• _Task brief_
One number is the full answer: how many lines in the records contain the word "IfcColumn"?

• _Available data_
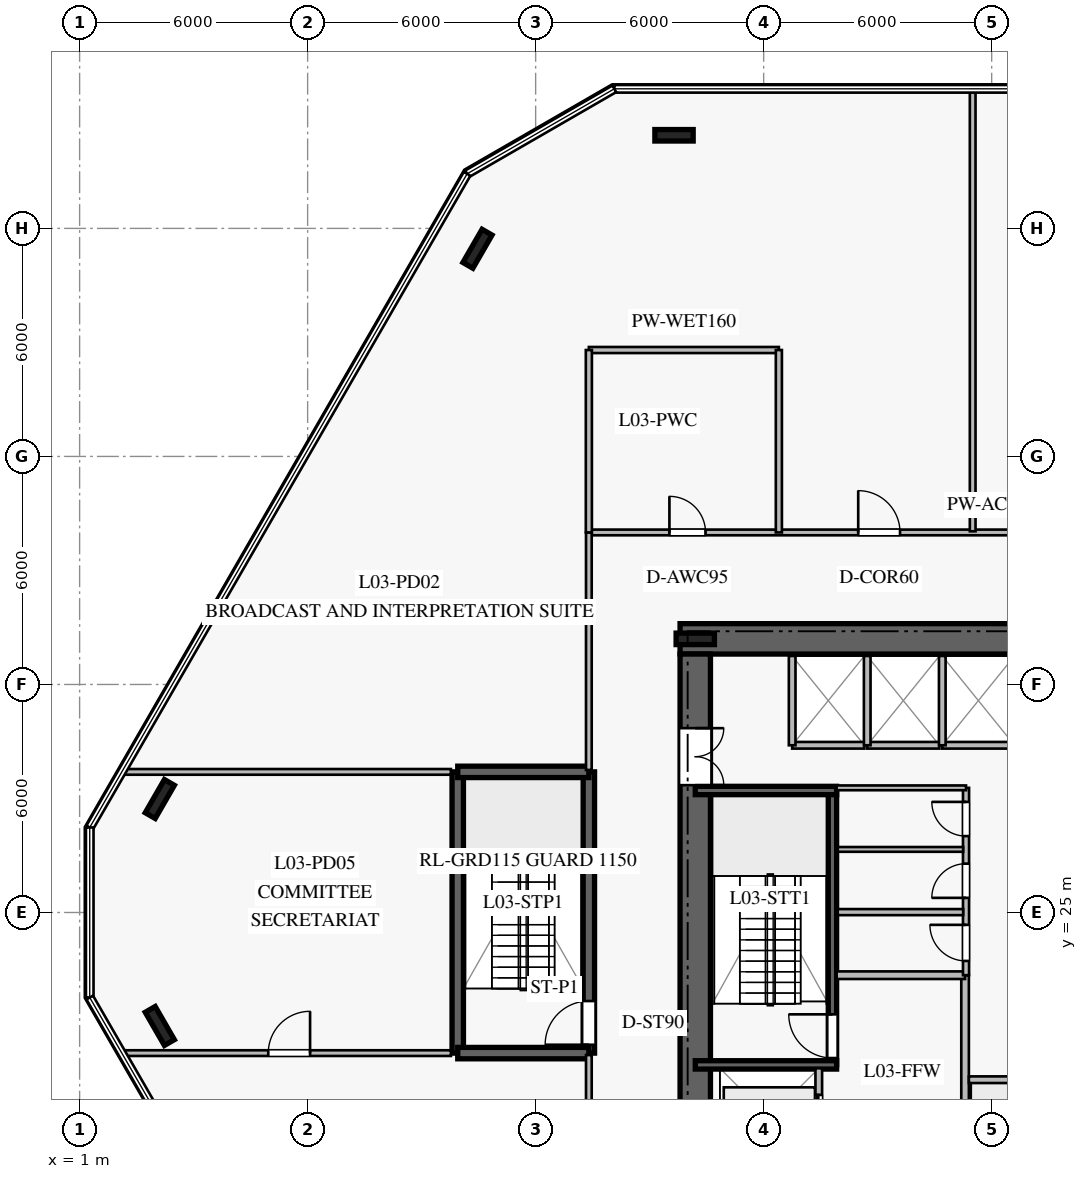
"""IFC4 building model, lengths in metres.
Left out: names, types, materials, properties, quantities, classifications, styles, units other than length and angle.
Written with IfcOpenShell. Run it as: python <this file> out.ifc"""

import sys

from ifc_helpers import new_model, si_unit, direction, frame, frame_2d, origin, origin_2d, place, context, subcontext, project, spatial, rectangle, i_section, extrude, element, fill, save


model = new_model("IFC4")
c1 = context("Model", 3, precision=1e-05, world=origin(), true_north=direction((0.0, 1.0)))
c2 = subcontext(c1, "Body", "Model", "MODEL_VIEW")
j1 = project(units=[si_unit("LENGTHUNIT", "METRE"), si_unit("PLANEANGLEUNIT", "RADIAN")], contexts=[c1])
p1 = place(None, origin())
s1 = spatial("IfcSite", under=j1, at=p1, CompositionType="ELEMENT")
p2 = place(p1, origin())
s2 = spatial("IfcBuilding", under=s1, at=p2, CompositionType="ELEMENT")
p3 = place(p2, frame((0.0, 0.0, 14.4)))
s3 = spatial("IfcBuildingStorey", under=s2, at=p3, CompositionType="ELEMENT", Elevation=14.4)
p4 = place(p3, frame((33.2, 32.2, 0.0), z_axis=(0.0, 0.0, 1.0), x_axis=(-1.0, 0.0, 0.0)))
e1 = element("IfcWall", 1, at=p4, inside=s3, PredefinedType="SHEAR", context=c2, shape_type="SweptSolid", body=[
    extrude(rectangle(XDim=16.4, YDim=0.8, at=frame_2d((8.2, 0.0))), origin(), (0.0, 0.0, 1.0), 4.3),
])
p5 = place(p4, frame((5.15, 0.0, 0.0)))
e2 = element("IfcOpeningElement", 2, at=p5, cuts=e1, PredefinedType="OPENING", context=c2, shape_type="SweptSolid", body=[
    extrude(rectangle(XDim=1.2, YDim=2.25, at=frame_2d((0.6, 1.125))), frame((0.0, 0.41, 0.0), z_axis=(0.0, -1.0, 0.0), x_axis=(1.0, 0.0, 0.0)), (0.0, 0.0, 1.0), 0.82),
])
p6 = place(p3, frame((17.2, 31.8, 0.0), z_axis=(0.0, 0.0, 1.0), x_axis=(0.0, -1.0, 0.0)))
e3 = element("IfcWall", 3, at=p6, inside=s3, PredefinedType="SHEAR", context=c2, shape_type="SweptSolid", body=[
    extrude(rectangle(XDim=13.6, YDim=0.8, at=frame_2d((6.8, 0.0))), origin(), (0.0, 0.0, 1.0), 4.3),
])
p7 = place(p6, frame((1.95, 0.0, 0.0)))
e4 = element("IfcOpeningElement", 4, at=p7, cuts=e3, PredefinedType="OPENING", context=c2, shape_type="SweptSolid", body=[
    extrude(rectangle(XDim=1.5, YDim=2.2, at=frame_2d((0.75, 1.1))), frame((0.0, 0.41, 0.0), z_axis=(0.0, -1.0, 0.0), x_axis=(1.0, 0.0, 0.0)), (0.0, 0.0, 1.0), 0.82),
])
p8 = place(p3, frame((17.2, 32.2, 0.0), z_axis=(0.0, 0.0, 1.0), x_axis=(1.0, 0.0, 0.0)))
e5 = element("IfcColumn", 5, at=p8, inside=s3, PredefinedType="COLUMN", context=c2, shape_type="SweptSolid", body=[
    extrude(i_section(OverallWidth=0.302, OverallDepth=1.008, WebThickness=0.021, FlangeThickness=0.04, at=origin_2d()), origin(), (0.0, 0.0, 1.0), 4.6),
])
p9 = place(p3, frame((20.81, 20.99, 0.0), z_axis=(0.0, 0.0, 1.0), x_axis=(0.0, 1.0, 0.0)))
e6 = element("IfcWall", 6, at=p9, inside=s3, PredefinedType="SOLIDWALL", context=c2, shape_type="SweptSolid", body=[
    extrude(rectangle(XDim=7.22, YDim=0.22, at=frame_2d((3.61, 0.0))), origin(), (0.0, 0.0, 1.0), 4.3),
])
p10 = place(p9, frame((0.18, 0.0, 0.0)))
e7 = element("IfcOpeningElement", 7, at=p10, cuts=e6, PredefinedType="OPENING", context=c2, shape_type="SweptSolid", body=[
    extrude(rectangle(XDim=1.15, YDim=2.2, at=frame_2d((0.575, 1.1))), frame((0.0, 0.12, 0.0), z_axis=(0.0, -1.0, 0.0), x_axis=(1.0, 0.0, 0.0)), (0.0, 0.0, 1.0), 0.24),
])
for number, where, z_axis, x_axis in (
    (8, (17.2, 20.99, 0.0), (0.0, 0.0, 1.0), (1.0, 0.0, 0.0)),
    (9, (17.2, 28.21, 0.0), (0.0, 0.0, 1.0), (1.0, 0.0, 0.0)),
):
    element("IfcWall", number, at=place(p3, frame(where, z_axis=z_axis, x_axis=x_axis)), inside=s3, PredefinedType="SOLIDWALL", context=c2, shape_type="SweptSolid", body=[
        extrude(rectangle(XDim=3.72, YDim=0.22, at=frame_2d((1.86, 0.0))), origin(), (0.0, 0.0, 1.0), 4.3),
    ])
p11 = place(p3, frame((14.4, 21.3, 0.0), z_axis=(0.0, 0.0, 1.0), x_axis=(0.0, 1.0, 0.0)))
e10 = element("IfcWall", 10, at=p11, inside=s3, PredefinedType="SOLIDWALL", context=c2, shape_type="SweptSolid", body=[
    extrude(rectangle(XDim=7.4, YDim=0.3, at=frame_2d((3.7, 0.0))), origin(), (0.0, 0.0, 1.0), 4.3),
])
p12 = place(p11, frame((0.22, 0.0, 0.0)))
e11 = element("IfcOpeningElement", 11, at=p12, cuts=e10, PredefinedType="OPENING", context=c2, shape_type="SweptSolid", body=[
    extrude(rectangle(XDim=1.15, YDim=2.2, at=frame_2d((0.575, 1.1))), frame((0.0, 0.16, 0.0), z_axis=(0.0, -1.0, 0.0), x_axis=(1.0, 0.0, 0.0)), (0.0, 0.0, 1.0), 0.32),
])
p13 = place(p3, frame((10.95, 21.3, 0.0), z_axis=(0.0, 0.0, 1.0), x_axis=(0.0, 1.0, 0.0)))
e12 = element("IfcWall", 12, at=p13, inside=s3, PredefinedType="SOLIDWALL", context=c2, shape_type="SweptSolid", body=[
    extrude(rectangle(XDim=7.4, YDim=0.3, at=frame_2d((3.7, 0.0))), origin(), (0.0, 0.0, 1.0), 4.3),
])
for number, where, z_axis, x_axis in (
    (13, (10.95, 21.3, 0.0), (0.0, 0.0, 1.0), (1.0, 0.0, 0.0)),
    (14, (10.95, 28.7, 0.0), (0.0, 0.0, 1.0), (1.0, 0.0, 0.0)),
):
    element("IfcWall", number, at=place(p3, frame(where, z_axis=z_axis, x_axis=x_axis)), inside=s3, PredefinedType="SOLIDWALL", context=c2, shape_type="SweptSolid", body=[
        extrude(rectangle(XDim=3.45, YDim=0.3, at=frame_2d((1.725, 0.0))), origin(), (0.0, 0.0, 1.0), 4.3),
    ])
for number, where, z_axis, x_axis in (
    (15, (16.641, 45.45, 0.0), (0.0, 0.0, 1.0), (1.0, 0.0, 0.0)),
    (16, (11.469, 42.464, 0.0), (0.0, 0.0, 1.0), (0.5, 0.866, 0.0)),
    (17, (3.11, 27.986, 0.0), (0.0, 0.0, 1.0), (0.5, 0.866, 0.0)),
    (18, (3.11, 22.014, 0.0), (0.0, 0.0, 1.0), (-0.5, 0.866, 0.0)),
):
    element("IfcColumn", number, at=place(p3, frame(where, z_axis=z_axis, x_axis=x_axis)), inside=s3, PredefinedType="COLUMN", context=c2, shape_type="SweptSolid", body=[
        extrude(i_section(OverallWidth=0.302, OverallDepth=1.008, WebThickness=0.021, FlangeThickness=0.04, at=origin_2d()), origin(), (0.0, 0.0, 1.0), 4.6),
    ])
p14 = place(p3, frame((24.3, 18.2, 0.0), z_axis=(0.0, 0.0, 1.0), x_axis=(0.0, 1.0, 0.0)))
e19 = element("IfcWall", 19, at=p14, inside=s3, PredefinedType="PARTITIONING", context=c2, shape_type="SweptSolid", body=[
    extrude(rectangle(XDim=5.15, YDim=0.2, at=frame_2d((2.575, 0.0))), origin(), (0.0, 0.0, 1.0), 4.3),
])
p15 = place(p3, frame((20.92, 23.35, 0.0), z_axis=(0.0, 0.0, 1.0), x_axis=(1.0, 0.0, 0.0)))
e20 = element("IfcWall", 20, at=p15, inside=s3, PredefinedType="PARTITIONING", context=c2, shape_type="SweptSolid", body=[
    extrude(rectangle(XDim=3.38, YDim=0.2, at=frame_2d((1.69, 0.0))), origin(), (0.0, 0.0, 1.0), 4.3),
])
p16 = place(p3, frame((24.325, 23.35, 0.0), z_axis=(0.0, 0.0, 1.0), x_axis=(0.0, 1.0, 0.0)))
e21 = element("IfcWall", 21, at=p16, inside=s3, PredefinedType="PLUMBINGWALL", context=c2, shape_type="SweptSolid", body=[
    extrude(rectangle(XDim=4.93, YDim=0.16, at=frame_2d((2.465, 0.0))), origin(), (0.0, 0.0, 1.0), 4.3),
])
p17 = place(p16, frame((0.375, 0.0, 0.0)))
e22 = element("IfcOpeningElement", 22, at=p17, cuts=e21, PredefinedType="OPENING", context=c2, shape_type="SweptSolid", body=[
    extrude(rectangle(XDim=0.95, YDim=2.1, at=frame_2d((0.475, 1.05))), frame((0.0, 0.09, 0.0), z_axis=(0.0, -1.0, 0.0), x_axis=(1.0, 0.0, 0.0)), (0.0, 0.0, 1.0), 0.18),
])
p18 = place(p16, frame((2.035, 0.0, 0.0)))
e23 = element("IfcOpeningElement", 23, at=p18, cuts=e21, PredefinedType="OPENING", context=c2, shape_type="SweptSolid", body=[
    extrude(rectangle(XDim=0.9, YDim=2.1, at=frame_2d((0.45, 1.05))), frame((0.0, 0.09, 0.0), z_axis=(0.0, -1.0, 0.0), x_axis=(1.0, 0.0, 0.0)), (0.0, 0.0, 1.0), 0.18),
])
p19 = place(p16, frame((3.66, 0.0, 0.0)))
e24 = element("IfcOpeningElement", 24, at=p19, cuts=e21, PredefinedType="OPENING", context=c2, shape_type="SweptSolid", body=[
    extrude(rectangle(XDim=0.9, YDim=2.1, at=frame_2d((0.45, 1.05))), frame((0.0, 0.09, 0.0), z_axis=(0.0, -1.0, 0.0), x_axis=(1.0, 0.0, 0.0)), (0.0, 0.0, 1.0), 0.18),
])
p20 = place(p3, frame((20.92, 28.28, 0.0), z_axis=(0.0, 0.0, 1.0), x_axis=(1.0, 0.0, 0.0)))
e25 = element("IfcWall", 25, at=p20, inside=s3, PredefinedType="PARTITIONING", context=c2, shape_type="SweptSolid", body=[
    extrude(rectangle(XDim=3.405, YDim=0.125, at=frame_2d((1.703, 0.0))), origin(), (0.0, 0.0, 1.0), 4.3),
])
p21 = place(p3, frame((20.95, 25.01, 0.0), z_axis=(0.0, 0.0, 1.0), x_axis=(1.0, 0.0, 0.0)))
e26 = element("IfcWall", 26, at=p21, inside=s3, PredefinedType="PLUMBINGWALL", context=c2, shape_type="SweptSolid", body=[
    extrude(rectangle(XDim=3.3, YDim=0.16, at=frame_2d((1.65, 0.0))), origin(), (0.0, 0.0, 1.0), 4.3),
])
p22 = place(p3, frame((20.95, 26.66, 0.0), z_axis=(0.0, 0.0, 1.0), x_axis=(1.0, 0.0, 0.0)))
e27 = element("IfcWall", 27, at=p22, inside=s3, PredefinedType="PARTITIONING", context=c2, shape_type="SweptSolid", body=[
    extrude(rectangle(XDim=3.3, YDim=0.125, at=frame_2d((1.65, 0.0))), origin(), (0.0, 0.0, 1.0), 4.3),
])
p23 = place(p3, frame((24.4, 20.6, 0.0), z_axis=(0.0, 0.0, 1.0), x_axis=(1.0, 0.0, 0.0)))
e28 = element("IfcWall", 28, at=p23, inside=s3, PredefinedType="PARTITIONING", context=c2, shape_type="SweptSolid", body=[
    extrude(rectangle(XDim=1.9, YDim=0.175, at=frame_2d((0.95, 0.0))), origin(), (0.0, 0.0, 1.0), 4.3),
])
p24 = place(p3, frame((19.75, 29.4, 0.0), z_axis=(0.0, 0.0, 1.0), x_axis=(1.0, 0.0, 0.0)))
e29 = element("IfcWall", 29, at=p24, inside=s3, PredefinedType="PARTITIONING", context=c2, shape_type="SweptSolid", body=[
    extrude(rectangle(XDim=1.9, YDim=0.175, at=frame_2d((0.95, 0.0))), origin(), (0.0, 0.0, 1.0), 4.3),
])
p25 = place(p3, frame((19.75, 29.4, 0.0), z_axis=(0.0, 0.0, 1.0), x_axis=(0.0, 1.0, 0.0)))
e30 = element("IfcWall", 30, at=p25, inside=s3, PredefinedType="PARTITIONING", context=c2, shape_type="SweptSolid", body=[
    extrude(rectangle(XDim=2.35, YDim=0.175, at=frame_2d((1.175, 0.0))), origin(), (0.0, 0.0, 1.0), 4.3),
])
p26 = place(p3, frame((21.725, 29.4, 0.0), z_axis=(0.0, 0.0, 1.0), x_axis=(1.0, 0.0, 0.0)))
e31 = element("IfcWall", 31, at=p26, inside=s3, PredefinedType="PARTITIONING", context=c2, shape_type="SweptSolid", body=[
    extrude(rectangle(XDim=1.9, YDim=0.175, at=frame_2d((0.95, 0.0))), origin(), (0.0, 0.0, 1.0), 4.3),
])
p27 = place(p3, frame((21.725, 29.4, 0.0), z_axis=(0.0, 0.0, 1.0), x_axis=(0.0, 1.0, 0.0)))
e32 = element("IfcWall", 32, at=p27, inside=s3, PredefinedType="PARTITIONING", context=c2, shape_type="SweptSolid", body=[
    extrude(rectangle(XDim=2.35, YDim=0.175, at=frame_2d((1.175, 0.0))), origin(), (0.0, 0.0, 1.0), 4.3),
])
p28 = place(p3, frame((23.7, 29.4, 0.0), z_axis=(0.0, 0.0, 1.0), x_axis=(1.0, 0.0, 0.0)))
e33 = element("IfcWall", 33, at=p28, inside=s3, PredefinedType="PARTITIONING", context=c2, shape_type="SweptSolid", body=[
    extrude(rectangle(XDim=1.9, YDim=0.175, at=frame_2d((0.95, 0.0))), origin(), (0.0, 0.0, 1.0), 4.3),
])
p29 = place(p3, frame((23.7, 29.4, 0.0), z_axis=(0.0, 0.0, 1.0), x_axis=(0.0, 1.0, 0.0)))
e34 = element("IfcWall", 34, at=p29, inside=s3, PredefinedType="PARTITIONING", context=c2, shape_type="SweptSolid", body=[
    extrude(rectangle(XDim=2.35, YDim=0.175, at=frame_2d((1.175, 0.0))), origin(), (0.0, 0.0, 1.0), 4.3),
])
p30 = place(p3, frame((20.45, 18.3, 0.0), z_axis=(0.0, 0.0, 1.0), x_axis=(0.0, 1.0, 0.0)))
e35 = element("IfcWall", 35, at=p30, inside=s3, PredefinedType="PARTITIONING", context=c2, shape_type="SweptSolid", body=[
    extrude(rectangle(XDim=2.6, YDim=0.175, at=frame_2d((1.3, 0.0))), origin(), (0.0, 0.0, 1.0), 4.3),
])
p31 = place(p30, frame((0.7, 0.0, 0.0)))
e36 = element("IfcOpeningElement", 36, at=p31, cuts=e35, PredefinedType="OPENING", context=c2, shape_type="SweptSolid", body=[
    extrude(rectangle(XDim=1.2, YDim=2.2, at=frame_2d((0.6, 1.1))), frame((0.0, 0.098, 0.0), z_axis=(0.0, -1.0, 0.0), x_axis=(1.0, 0.0, 0.0)), (0.0, 0.0, 1.0), 0.195),
])
p32 = place(p3, frame((14.4, 35.0, 0.0), z_axis=(0.0, 0.0, 1.0), x_axis=(1.0, 0.0, 0.0)))
e37 = element("IfcWall", 37, at=p32, inside=s3, PredefinedType="PARTITIONING", context=c2, shape_type="SweptSolid", body=[
    extrude(rectangle(XDim=21.2, YDim=0.15, at=frame_2d((10.6, 0.0))), origin(), (0.0, 0.0, 1.0), 3.75),
])
p33 = place(p32, frame((2.12, 0.0, 0.0)))
e38 = element("IfcOpeningElement", 38, at=p33, cuts=e37, PredefinedType="OPENING", context=c2, shape_type="SweptSolid", body=[
    extrude(rectangle(XDim=0.95, YDim=2.1, at=frame_2d((0.475, 1.05))), frame((0.0, 0.085, 0.0), z_axis=(0.0, -1.0, 0.0), x_axis=(1.0, 0.0, 0.0)), (0.0, 0.0, 1.0), 0.17),
])
p34 = place(p32, frame((7.088, 0.0, 0.0)))
e39 = element("IfcOpeningElement", 39, at=p34, cuts=e37, PredefinedType="OPENING", context=c2, shape_type="SweptSolid", body=[
    extrude(rectangle(XDim=1.1, YDim=2.2, at=frame_2d((0.55, 1.1))), frame((0.0, 0.085, 0.0), z_axis=(0.0, -1.0, 0.0), x_axis=(1.0, 0.0, 0.0)), (0.0, 0.0, 1.0), 0.17),
])
p35 = place(p32, frame((18.004, 0.0, 0.0)))
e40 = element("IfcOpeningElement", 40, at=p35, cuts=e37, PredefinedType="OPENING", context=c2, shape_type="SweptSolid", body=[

• _Your solution_
2